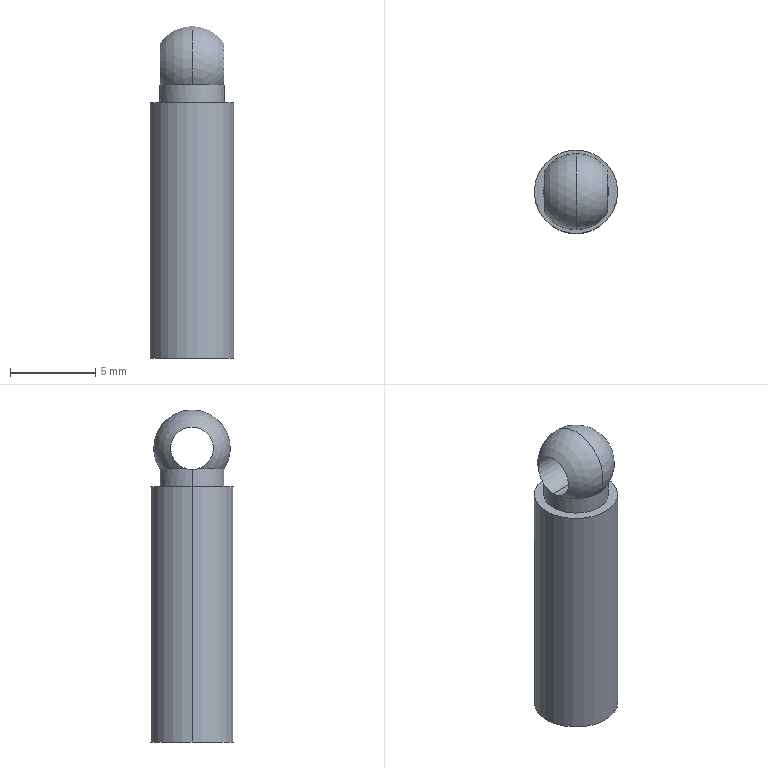Component | SolidWorks | RoundHead-3 | 1 solid | 14 faces | box 4.9 x 4.9 x 19.5 mm | volume 168 mm3 | cylinder 8 | cone 2 | sphere 2 | plane 2 | commonest cylinder face diameters 3.5 x2 2.5 x2 3.8 x2 4.9 x2
build123d program:
from build123d import *

# Parameters (mm, degrees)
SKETCH1_R                      = 2.45
EXTRUDE1_DEPTH                 = 15
SKETCH2_R                      = 1.9
EXTRUDE2_DEPTH                 = 1.5
CUT_EXTRUDE1_DEPTH             = 20.805
CUT_EXTRUDE1_DEPTH_BACK        = 20.805
SKETCH4_R                      = 1.25
F_3_5_3_5_DIAMETER_HOLE1_D     = 3.5
F_3_5_3_5_DIAMETER_HOLE1_DEPTH = 15
F_3_5_3_5_DIAMETER_HOLE1_TIP   = 1.052


with BuildPart() as part:
    # Sketch1 → Extrude1 (new body)
    with BuildSketch(Plane(origin=(0, 0, 0), x_dir=(0, 0, -1), z_dir=(1, 0, 0))):
        Circle(SKETCH1_R)
    extrude(amount=EXTRUDE1_DEPTH)

    # Sketch2 → Extrude2 (add)
    with BuildSketch(Plane(origin=(15, 0, 0), x_dir=(0, 0, -1), z_dir=(1, 0, 0))):
        Circle(SKETCH2_R)
    extrude(amount=EXTRUDE2_DEPTH)

    # Sketch3 → Revolve1 (revolve)
    with BuildSketch(Plane.XY):
        with BuildLine():
            Line((15, 0), (19.5, 0))
            ThreePointArc((19.5, 0), (17.25, -2.25), (15, 0))
        make_face()
    revolve(axis=Axis((15, 0, 0), (1, 0, 0)))

    # Sketch4 → Cut-Extrude1 (cut, two sides: drawn at the far end of the back side and taken through both)
    with BuildSketch(Plane.XY.offset(-CUT_EXTRUDE1_DEPTH_BACK)):
        with Locations(Location((17.25, 0, 0), (0, 0, 164.613))):
            Circle(SKETCH4_R)
    extrude(amount=CUT_EXTRUDE1_DEPTH + CUT_EXTRUDE1_DEPTH_BACK, mode=Mode.SUBTRACT)

    # 3.5 _3.5_ Diameter Hole1
    with Locations(Plane.ZY):
        with Locations((0, 0)):
            Hole(F_3_5_3_5_DIAMETER_HOLE1_D / 2, depth=F_3_5_3_5_DIAMETER_HOLE1_DEPTH)
            with Locations((0, 0, -(F_3_5_3_5_DIAMETER_HOLE1_DEPTH + F_3_5_3_5_DIAMETER_HOLE1_TIP / 2))):  # 118° drill point
                Cone(0, F_3_5_3_5_DIAMETER_HOLE1_D / 2, F_3_5_3_5_DIAMETER_HOLE1_TIP, mode=Mode.SUBTRACT)


solid = part.part

# Placed as in the assembly
solid = solid.moved(Location((12.867, 79.622, -192.387), (0, -90, 0)))
STEP:
#1=CARTESIAN_POINT('',(0.5755,3.135,-6.984));
#2=VERTEX_POINT('',#1);
#3=CARTESIAN_POINT('',(0.4377,3.135,-6.984));
#4=VERTEX_POINT('',#3);
#5=CARTESIAN_POINT('',(0.5066,3.135,-6.984));
#6=DIRECTION('',(-0.,0.,-1.));
#7=DIRECTION('',(-1.,0.,0.));
#8=AXIS2_PLACEMENT_3D('',#5,#6,#7);
#9=CIRCLE('',#8,0.0689);
#10=EDGE_CURVE('',#2,#4,#9,.T.);
#11=ORIENTED_EDGE('',*,*,#10,.F.);
#12=CARTESIAN_POINT('',(0.5755,3.135,-7.574));
#13=VERTEX_POINT('',#12);
#14=CARTESIAN_POINT('',(0.5755,3.135,-7.574));
#15=DIRECTION('',(-0.,0.,-1.));
#16=VECTOR('',#15,39.37);
#17=LINE('',#14,#16);
#18=EDGE_CURVE('',#2,#13,#17,.T.);
#19=ORIENTED_EDGE('',*,*,#18,.T.);
#20=CARTESIAN_POINT('',(0.4377,3.135,-7.574));
#21=VERTEX_POINT('',#20);
#22=CARTESIAN_POINT('',(0.5066,3.135,-7.574));
#23=DIRECTION('',(-0.,0.,-1.));
#24=DIRECTION('',(-1.,0.,0.));
#25=AXIS2_PLACEMENT_3D('',#22,#23,#24);
#26=CIRCLE('',#25,0.0689);
#27=EDGE_CURVE('',#13,#21,#26,.T.);
#28=ORIENTED_EDGE('',*,*,#27,.T.);
#29=CARTESIAN_POINT('',(0.4377,3.135,-7.574));
#30=DIRECTION('',(-0.,0.,-1.));
#31=VECTOR('',#30,39.37);
#32=LINE('',#29,#31);
#33=EDGE_CURVE('',#4,#21,#32,.T.);
#34=ORIENTED_EDGE('',*,*,#33,.F.);
#35=EDGE_LOOP('',(#11,#19,#28,#34));
#36=FACE_OUTER_BOUND('',#35,.T.);
#37=CARTESIAN_POINT('',(0.5066,3.135,-7.574));
#38=DIRECTION('',(-0.,0.,-1.));
#39=DIRECTION('',(-1.,0.,0.));
#40=AXIS2_PLACEMENT_3D('',#37,#38,#39);
#41=CYLINDRICAL_SURFACE('',#40,0.0689);
#42=ADVANCED_FACE('',(#36),#41,.F.);
#43=CARTESIAN_POINT('',(0.5099,3.135,-6.944));
#44=VERTEX_POINT('',#43);
#45=CARTESIAN_POINT('',(0.5032,3.135,-6.944));
#46=VERTEX_POINT('',#45);
#47=CARTESIAN_POINT('',(0.5099,3.135,-6.944));
#48=CARTESIAN_POINT('',(0.5099,3.134,-6.944));
#49=CARTESIAN_POINT('',(0.5099,3.134,-6.944));
#50=CARTESIAN_POINT('',(0.5098,3.134,-6.944));
#51=CARTESIAN_POINT('',(0.5098,3.134,-6.944));
#52=CARTESIAN_POINT('',(0.5096,3.133,-6.944));
#53=CARTESIAN_POINT('',(0.5094,3.133,-6.944));
#54=CARTESIAN_POINT('',(0.5092,3.133,-6.944));
#55=CARTESIAN_POINT('',(0.509,3.132,-6.944));
#56=CARTESIAN_POINT('',(0.5087,3.132,-6.944));
#57=CARTESIAN_POINT('',(0.5084,3.132,-6.944));
#58=CARTESIAN_POINT('',(0.5081,3.132,-6.944));
#59=CARTESIAN_POINT('',(0.5078,3.132,-6.944));
#60=CARTESIAN_POINT('',(0.5075,3.132,-6.944));
#61=CARTESIAN_POINT('',(0.5073,3.132,-6.944));
#62=CARTESIAN_POINT('',(0.5071,3.132,-6.944));
#63=CARTESIAN_POINT('',(0.5067,3.132,-6.944));
#64=CARTESIAN_POINT('',(0.5063,3.132,-6.944));
#65=CARTESIAN_POINT('',(0.5059,3.132,-6.944));
#66=CARTESIAN_POINT('',(0.5055,3.132,-6.944));
#67=CARTESIAN_POINT('',(0.5051,3.132,-6.944));
#68=CARTESIAN_POINT('',(0.5048,3.132,-6.944));
#69=CARTESIAN_POINT('',(0.5044,3.132,-6.944));
#70=CARTESIAN_POINT('',(0.5041,3.132,-6.944));
#71=CARTESIAN_POINT('',(0.5039,3.133,-6.944));
#72=CARTESIAN_POINT('',(0.5037,3.133,-6.944));
#73=CARTESIAN_POINT('',(0.5035,3.133,-6.944));
#74=CARTESIAN_POINT('',(0.5034,3.134,-6.944));
#75=CARTESIAN_POINT('',(0.5032,3.134,-6.944));
#76=CARTESIAN_POINT('',(0.5032,3.134,-6.944));
#77=CARTESIAN_POINT('',(0.5032,3.135,-6.944));
#78=B_SPLINE_CURVE_WITH_KNOTS('',3,(#47,#48,#49,#50,#51,#52,#53,#54,#55,#56,#57,#58,#59,#60,#61,#62,#63,#64,#65,#66,#67,#68,#69,#70,#71,#72,#73,#74,#75,#76,#77),.UNSPECIFIED.,.F.,.F.,(4,3,3,3,3,3,3,3,3,3,4),(0.0004044,0.0004243,0.00045,0.0004765,0.0005043,0.0005219,0.000552,0.0005822,0.0006119,0.0006404,0.0006654),.UNSPECIFIED.);
#79=EDGE_CURVE('',#44,#46,#78,.T.);
#80=ORIENTED_EDGE('',*,*,#79,.F.);
#81=CARTESIAN_POINT('',(0.5755,3.135,-6.984));
#82=DIRECTION('',(0.8572,0.,-0.515));
#83=VECTOR('',#82,39.37);
#84=LINE('',#81,#83);
#85=EDGE_CURVE('',#44,#2,#84,.T.);
#86=ORIENTED_EDGE('',*,*,#85,.T.);
#87=ORIENTED_EDGE('',*,*,#10,.T.);
#88=CARTESIAN_POINT('',(0.4377,3.135,-6.984));
#89=DIRECTION('',(-0.8572,0.,-0.515));
#90=VECTOR('',#89,39.37);
#91=LINE('',#88,#90);
#92=EDGE_CURVE('',#46,#4,#91,.T.);
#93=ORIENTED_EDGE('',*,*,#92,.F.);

#####

## DIRECTIONS FOR THIS TASK:
What is needed is an exact copy of the lines from the start of the records through the line containing "# Sketch4 →", with no pictures.

## OUTPUT BELOW:
Component | SolidWorks | RoundHead-3 | 1 solid | 14 faces | box 4.9 x 4.9 x 19.5 mm | volume 168 mm3 | cylinder 8 | cone 2 | sphere 2 | plane 2 | commonest cylinder face diameters 3.5 x2 2.5 x2 3.8 x2 4.9 x2
build123d program:
from build123d import *

# Parameters (mm, degrees)
SKETCH1_R                      = 2.45
EXTRUDE1_DEPTH                 = 15
SKETCH2_R                      = 1.9
EXTRUDE2_DEPTH                 = 1.5
CUT_EXTRUDE1_DEPTH             = 20.805
CUT_EXTRUDE1_DEPTH_BACK        = 20.805
SKETCH4_R                      = 1.25
F_3_5_3_5_DIAMETER_HOLE1_D     = 3.5
F_3_5_3_5_DIAMETER_HOLE1_DEPTH = 15
F_3_5_3_5_DIAMETER_HOLE1_TIP   = 1.052


with BuildPart() as part:
    # Sketch1 → Extrude1 (new body)
    with BuildSketch(Plane(origin=(0, 0, 0), x_dir=(0, 0, -1), z_dir=(1, 0, 0))):
        Circle(SKETCH1_R)
    extrude(amount=EXTRUDE1_DEPTH)

    # Sketch2 → Extrude2 (add)
    with BuildSketch(Plane(origin=(15, 0, 0), x_dir=(0, 0, -1), z_dir=(1, 0, 0))):
        Circle(SKETCH2_R)
    extrude(amount=EXTRUDE2_DEPTH)

    # Sketch3 → Revolve1 (revolve)
    with BuildSketch(Plane.XY):
        with BuildLine():
            Line((15, 0), (19.5, 0))
            ThreePointArc((19.5, 0), (17.25, -2.25), (15, 0))
        make_face()
    revolve(axis=Axis((15, 0, 0), (1, 0, 0)))

    # Sketch4 → Cut-Extrude1 (cut, two sides: drawn at the far end of the back side and taken through both)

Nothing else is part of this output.